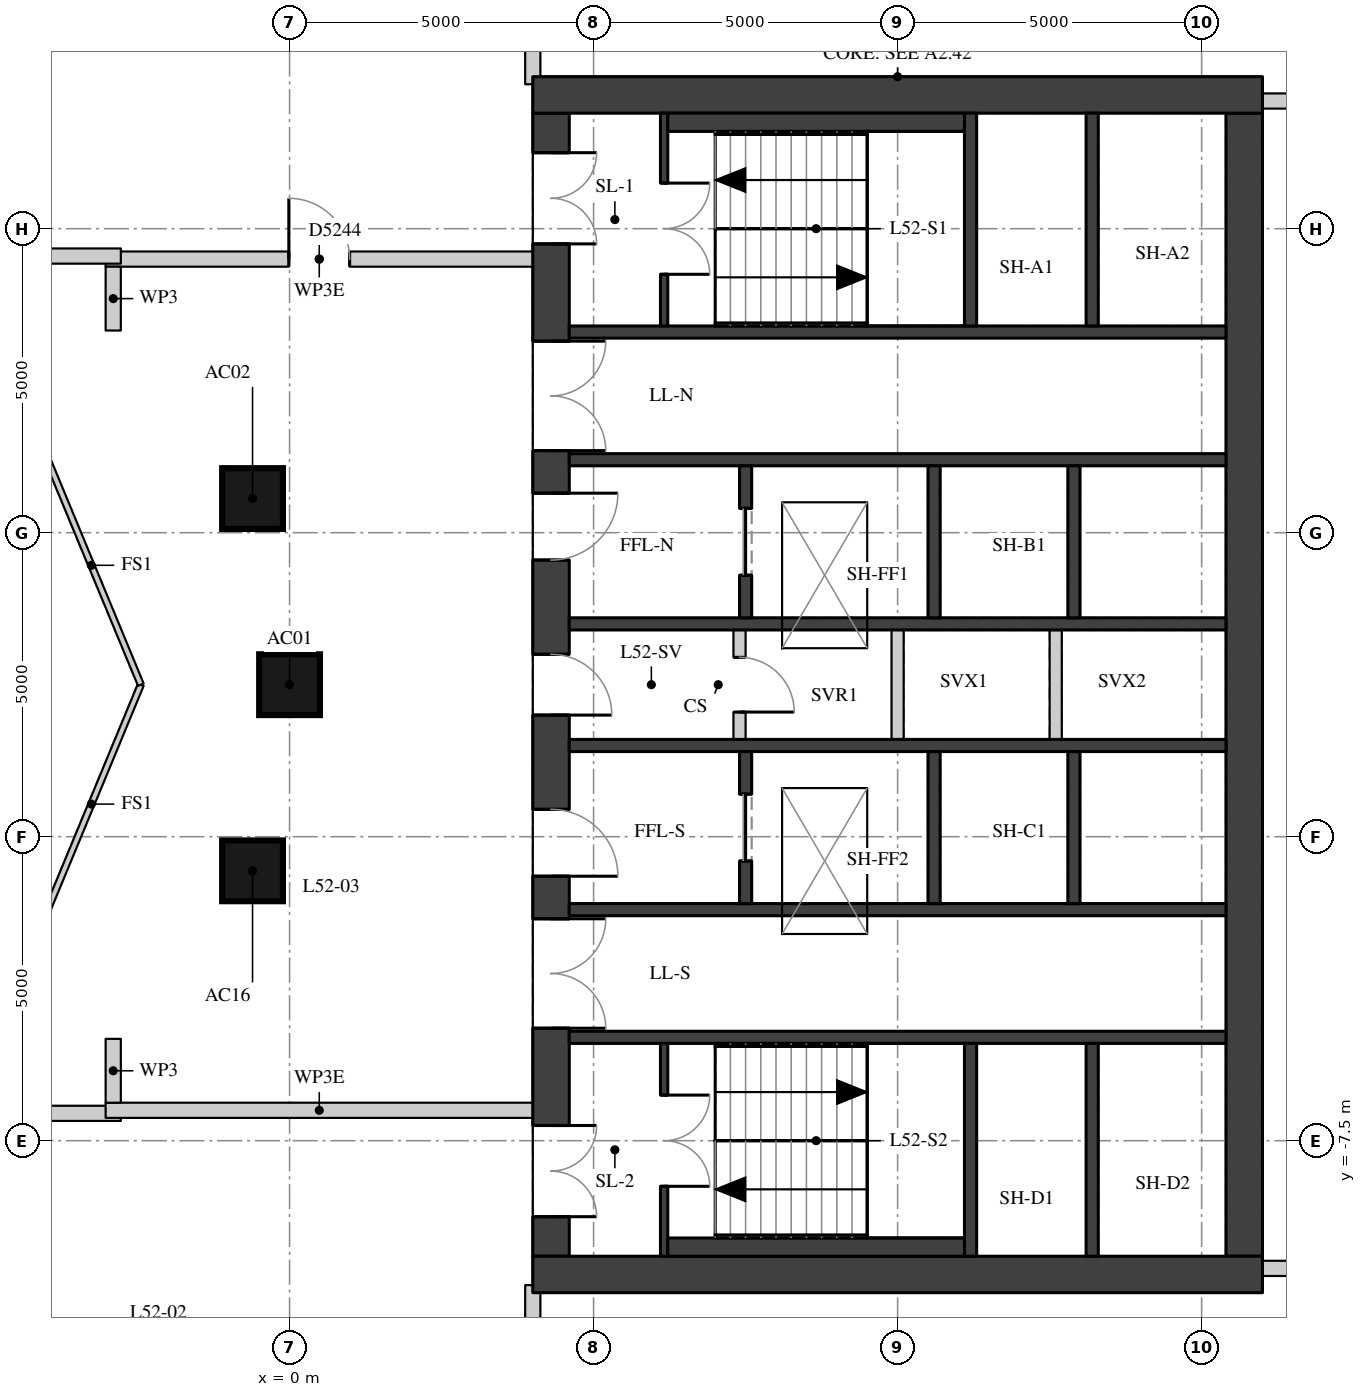
"""IFC4 building model, lengths in metres.
Left out: names, types, materials, properties, quantities, classifications, styles, units other than length and angle.
Written with IfcOpenShell. Run it as: python <this file> out.ifc"""

import sys

from ifc_helpers import new_model, si_unit, direction, frame, frame_2d, origin, origin_2d, place, context, subcontext, project, spatial, rectangle, extrude, element, fill, save


model = new_model("IFC4")
c1 = context("Model", 3, precision=1e-05, world=origin(), true_north=direction((0.0, 1.0)))
c2 = subcontext(c1, "Body", "Model", "MODEL_VIEW")
j1 = project(units=[si_unit("LENGTHUNIT", "METRE"), si_unit("PLANEANGLEUNIT", "RADIAN")], contexts=[c1])
p1 = place(None, origin())
s1 = spatial("IfcSite", under=j1, at=p1, CompositionType="ELEMENT")
p2 = place(p1, origin())
s2 = spatial("IfcBuilding", under=s1, at=p2, CompositionType="ELEMENT")
p3 = place(p2, frame((0.0, 0.0, 184.7)))
s3 = spatial("IfcBuildingStorey", under=s2, at=p3, CompositionType="ELEMENT", Elevation=184.7)
for number, where, z_axis, x_axis in (
    (1, (0.0, 0.0, 0.0), (0.0, 0.0, 1.0), (1.0, 0.0, 0.0)),
    (2, (-0.609, 3.062, 0.0), (0.0, 0.0, 1.0), (1.0, 0.0, 0.0)),
    (3, (-0.609, -3.062, 0.0), (0.0, 0.0, 1.0), (1.0, 0.0, 0.0)),
):
    element("IfcColumn", number, at=place(p3, frame(where, z_axis=z_axis, x_axis=x_axis)), inside=s3, PredefinedType="COLUMN", context=c2, shape_type="SweptSolid", body=[
        extrude(rectangle(XDim=1.0, YDim=1.0, at=origin_2d()), origin(), (0.0, 0.0, 1.0), 4.5),
    ])
p4 = place(p3, frame((4.3, -9.4, 0.0), z_axis=(0.0, 0.0, 1.0), x_axis=(0.0, 1.0, 0.0)))
e4 = element("IfcWall", 4, at=p4, inside=s3, PredefinedType="SHEAR", context=c2, shape_type="SweptSolid", body=[
    extrude(rectangle(XDim=18.8, YDim=0.6, at=frame_2d((9.4, 0.0))), origin(), (0.0, 0.0, 1.0), 4.22),
])
p5 = place(p4, frame((0.65, 0.0, 0.0)))
e5 = element("IfcOpeningElement", 5, at=p5, cuts=e4, PredefinedType="OPENING", context=c2, shape_type="SweptSolid", body=[
    extrude(rectangle(XDim=1.5, YDim=2.1, at=frame_2d((0.75, 1.05))), frame((0.0, 0.31, 0.0), z_axis=(0.0, -1.0, 0.0), x_axis=(1.0, 0.0, 0.0)), (0.0, 0.0, 1.0), 0.62),
])
p6 = place(p4, frame((3.75, 0.0, 0.0)))
e6 = element("IfcOpeningElement", 6, at=p6, cuts=e4, PredefinedType="OPENING", context=c2, shape_type="SweptSolid", body=[
    extrude(rectangle(XDim=1.8, YDim=2.1, at=frame_2d((0.9, 1.05))), frame((0.0, 0.31, 0.0), z_axis=(0.0, -1.0, 0.0), x_axis=(1.0, 0.0, 0.0)), (0.0, 0.0, 1.0), 0.62),
])
p7 = place(p4, frame((6.25, 0.0, 0.0)))
e7 = element("IfcOpeningElement", 7, at=p7, cuts=e4, PredefinedType="OPENING", context=c2, shape_type="SweptSolid", body=[
    extrude(rectangle(XDim=1.1, YDim=2.1, at=frame_2d((0.55, 1.05))), frame((0.0, 0.31, 0.0), z_axis=(0.0, -1.0, 0.0), x_axis=(1.0, 0.0, 0.0)), (0.0, 0.0, 1.0), 0.62),
])
p8 = place(p4, frame((8.9, 0.0, 0.0)))
e8 = element("IfcOpeningElement", 8, at=p8, cuts=e4, PredefinedType="OPENING", context=c2, shape_type="SweptSolid", body=[
    extrude(rectangle(XDim=1.0, YDim=2.1, at=frame_2d((0.5, 1.05))), frame((0.0, 0.31, 0.0), z_axis=(0.0, -1.0, 0.0), x_axis=(1.0, 0.0, 0.0)), (0.0, 0.0, 1.0), 0.62),
])
p9 = place(p4, frame((11.45, 0.0, 0.0)))
e9 = element("IfcOpeningElement", 9, at=p9, cuts=e4, PredefinedType="OPENING", context=c2, shape_type="SweptSolid", body=[
    extrude(rectangle(XDim=1.1, YDim=2.1, at=frame_2d((0.55, 1.05))), frame((0.0, 0.31, 0.0), z_axis=(0.0, -1.0, 0.0), x_axis=(1.0, 0.0, 0.0)), (0.0, 0.0, 1.0), 0.62),
])
p10 = place(p4, frame((13.25, 0.0, 0.0)))
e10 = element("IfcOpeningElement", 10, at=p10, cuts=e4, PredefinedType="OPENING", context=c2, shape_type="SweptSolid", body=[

What to do:
Write the number of lines in the data above that contain "SweptSolid", adding no other words.

Output below:
8